◆ Listed entries ◆
★ ★ ★ ★ ★ ★ ★
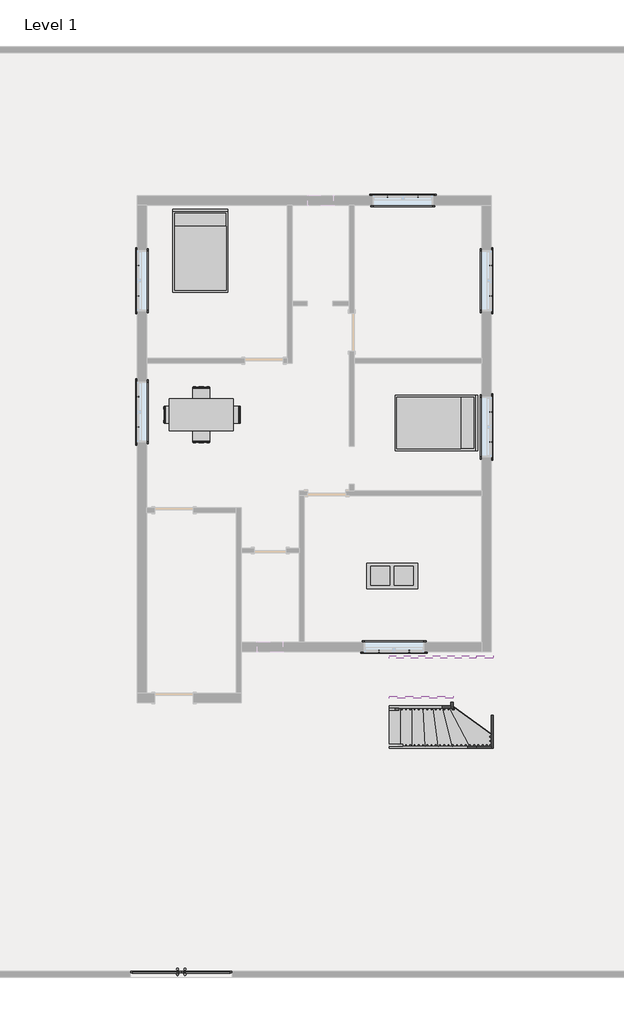
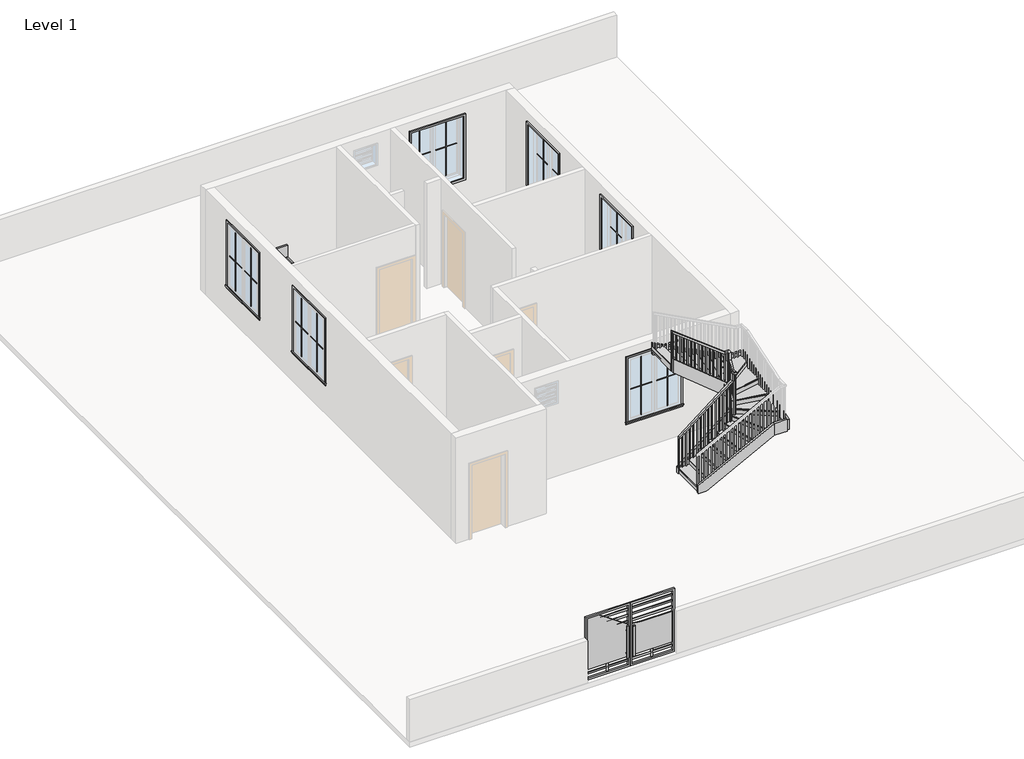
# One storey, part 3 of 3: 26 proxies, 8 members, 3 furniture elements, 1 railing, 1 stair flight.
"""IFC4 building model written with IfcOpenShell, lengths in millimetres."""

from ifc_helpers import new_model, si_unit, frame, origin, place, context, project, spatial, polyline, outline, extrude, faceted_brep, transform, mapped, element, save
from components import generic_models_113f6068, muntin_pattern_2x2_muntin_pattern_2x2_bff912c5, muntin_pattern_2x2_muntin_pattern_2x2_c2194282, trim_window_exterior_flat_with_sill_e04b3088, trim_window_interior_flat_picture_frame_2a7685fe, coffee_table_with_brass_mullions_11320_coffee_table_with_5962bef7, bed_17739_bed_17739_15c61121, dining_table_w_chairs_11374_0cdfc61b, stair_flight_c0e8b595

model = new_model("IFC4")

# Units and contexts
model_context = context("Model", 3, world=origin())
ifc_project = project(units=[si_unit("LENGTHUNIT", "METRE", prefix="MILLI")], contexts=[model_context])

# Site, building, storey
site = spatial("IfcSite", under=ifc_project)
building = spatial("IfcBuilding", under=site)
storey = spatial("IfcBuildingStorey", under=building, Name="Level 1", Elevation=0.0)

# Proxies
placement = place(None, origin())
generic_models_shape = generic_models_113f6068(model_context)
element("IfcBuildingElementProxy", 1, Name="Generic Models", at=placement, inside=storey, context=model_context, shape_type="MappedRepresentation", body=[
    mapped(generic_models_shape, transform((-4436.5644966, -12937.5476472, 0.0), x_axis=(1.0, 0.0, 0.0), y_axis=(0.0, 1.0, 0.0), z_axis=(0.0, 0.0, 1.0))),
])
muntin_pattern_2x2_muntin_pattern_2x2_shape = muntin_pattern_2x2_muntin_pattern_2x2_bff912c5(model_context)
element("IfcBuildingElementProxy", 2, Name="Muntin Pattern_2x2 : Muntin Pattern_2x2", ObjectType="Muntin Pattern_2x2 : Muntin Pattern_2x2", at=placement, inside=storey, context=model_context, shape_type="MappedRepresentation", body=[
    mapped(muntin_pattern_2x2_muntin_pattern_2x2_shape, transform((2964.3605034, 427.8534591, 984.25), x_axis=(0.0, -1.0, 0.0), y_axis=(1.0, 0.0, 0.0), z_axis=(0.0, 0.0, 1.0))),
])
element("IfcBuildingElementProxy", 3, Name="Muntin Pattern_2x2 : Muntin Pattern_2x2", ObjectType="Muntin Pattern_2x2 : Muntin Pattern_2x2", at=placement, inside=storey, context=model_context, shape_type="MappedRepresentation", body=[
    mapped(muntin_pattern_2x2_muntin_pattern_2x2_shape, transform((2964.3605034, 3923.5284591, 984.25), x_axis=(0.0, -1.0, 0.0), y_axis=(1.0, 0.0, 0.0), z_axis=(0.0, 0.0, 1.0))),
])
element("IfcBuildingElementProxy", 4, Name="Muntin Pattern_2x2 : Muntin Pattern_2x2", ObjectType="Muntin Pattern_2x2 : Muntin Pattern_2x2", at=placement, inside=storey, context=model_context, shape_type="MappedRepresentation", body=[
    mapped(muntin_pattern_2x2_muntin_pattern_2x2_shape, transform((498.9730034, 5582.4659591, 984.25), x_axis=(1.0, 0.0, 0.0), y_axis=(0.0, 1.0, 0.0), z_axis=(0.0, 0.0, 1.0))),
])
element("IfcBuildingElementProxy", 5, Name="Muntin Pattern_2x2 : Muntin Pattern_2x2", ObjectType="Muntin Pattern_2x2 : Muntin Pattern_2x2", at=placement, inside=storey, context=model_context, shape_type="MappedRepresentation", body=[
    mapped(muntin_pattern_2x2_muntin_pattern_2x2_shape, transform((-5474.7894966, 3202.8034591, 984.25), x_axis=(0.0, 1.0, 0.0), y_axis=(-1.0, 0.0, 0.0), z_axis=(0.0, 0.0, 1.0))),
])
element("IfcBuildingElementProxy", 6, Name="Muntin Pattern_2x2 : Muntin Pattern_2x2", ObjectType="Muntin Pattern_2x2 : Muntin Pattern_2x2", at=placement, inside=storey, context=model_context, shape_type="MappedRepresentation", body=[
    mapped(muntin_pattern_2x2_muntin_pattern_2x2_shape, transform((-5474.7894966, 69.0784591, 984.25), x_axis=(0.0, 1.0, 0.0), y_axis=(-1.0, 0.0, 0.0), z_axis=(0.0, 0.0, 1.0))),
])
element("IfcBuildingElementProxy", 7, Name="Muntin Pattern_2x2 : Muntin Pattern_2x2", ObjectType="Muntin Pattern_2x2 : Muntin Pattern_2x2", at=placement, inside=storey, context=model_context, shape_type="MappedRepresentation", body=[
    mapped(muntin_pattern_2x2_muntin_pattern_2x2_shape, transform((1013.3230034, -5295.0840409, 984.25), x_axis=(-1.0, 0.0, 0.0), y_axis=(0.0, -1.0, 0.0), z_axis=(0.0, 0.0, 1.0))),
])
muntin_pattern_2x2_muntin_pattern_2x2_2_shape = muntin_pattern_2x2_muntin_pattern_2x2_c2194282(model_context)
element("IfcBuildingElementProxy", 8, Name="Muntin Pattern_2x2 : Muntin Pattern_2x2", ObjectType="Muntin Pattern_2x2 : Muntin Pattern_2x2", at=placement, inside=storey, context=model_context, shape_type="MappedRepresentation", body=[
    mapped(muntin_pattern_2x2_muntin_pattern_2x2_2_shape, transform((2964.3605034, -292.8715409, 984.25), x_axis=(0.0, 1.0, 0.0), y_axis=(-1.0, 0.0, 0.0), z_axis=(0.0, 0.0, 1.0))),
])
element("IfcBuildingElementProxy", 9, Name="Muntin Pattern_2x2 : Muntin Pattern_2x2", ObjectType="Muntin Pattern_2x2 : Muntin Pattern_2x2", at=placement, inside=storey, context=model_context, shape_type="MappedRepresentation", body=[
    mapped(muntin_pattern_2x2_muntin_pattern_2x2_2_shape, transform((2964.3605034, 3202.8034591, 984.25), x_axis=(0.0, 1.0, 0.0), y_axis=(-1.0, 0.0, 0.0), z_axis=(0.0, 0.0, 1.0))),
])
element("IfcBuildingElementProxy", 10, Name="Muntin Pattern_2x2 : Muntin Pattern_2x2", ObjectType="Muntin Pattern_2x2 : Muntin Pattern_2x2", at=placement, inside=storey, context=model_context, shape_type="MappedRepresentation", body=[
    mapped(muntin_pattern_2x2_muntin_pattern_2x2_2_shape, transform((1219.6980034, 5582.4659591, 984.25), x_axis=(-1.0, 0.0, 0.0), y_axis=(0.0, -1.0, 0.0), z_axis=(0.0, 0.0, 1.0))),
])
element("IfcBuildingElementProxy", 11, Name="Muntin Pattern_2x2 : Muntin Pattern_2x2", ObjectType="Muntin Pattern_2x2 : Muntin Pattern_2x2", at=placement, inside=storey, context=model_context, shape_type="MappedRepresentation", body=[
    mapped(muntin_pattern_2x2_muntin_pattern_2x2_2_shape, transform((-5474.7894966, 3923.5284591, 984.25), x_axis=(0.0, -1.0, 0.0), y_axis=(1.0, 0.0, 0.0), z_axis=(0.0, 0.0, 1.0))),
])
element("IfcBuildingElementProxy", 12, Name="Muntin Pattern_2x2 : Muntin Pattern_2x2", ObjectType="Muntin Pattern_2x2 : Muntin Pattern_2x2", at=placement, inside=storey, context=model_context, shape_type="MappedRepresentation", body=[
    mapped(muntin_pattern_2x2_muntin_pattern_2x2_2_shape, transform((-5474.7894966, 789.8034591, 984.25), x_axis=(0.0, -1.0, 0.0), y_axis=(1.0, 0.0, 0.0), z_axis=(0.0, 0.0, 1.0))),
])
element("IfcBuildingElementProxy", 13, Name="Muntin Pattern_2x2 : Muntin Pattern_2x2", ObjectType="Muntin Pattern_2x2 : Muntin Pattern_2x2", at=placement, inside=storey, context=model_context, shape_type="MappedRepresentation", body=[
★ ★ ★ ★ ★ ★ ★
Scan the listing for the string "from" and copy every line that carries it.

◆ Result for this exercise ◆
from ifc_helpers import new_model, si_unit, frame, origin, place, context, project, spatial, polyline, outline, extrude, faceted_brep, transform, mapped, element, save
from components import generic_models_113f6068, muntin_pattern_2x2_muntin_pattern_2x2_bff912c5, muntin_pattern_2x2_muntin_pattern_2x2_c2194282, trim_window_exterior_flat_with_sill_e04b3088, trim_window_interior_flat_picture_frame_2a7685fe, coffee_table_with_brass_mullions_11320_coffee_table_with_5962bef7, bed_17739_bed_17739_15c61121, dining_table_w_chairs_11374_0cdfc61b, stair_flight_c0e8b595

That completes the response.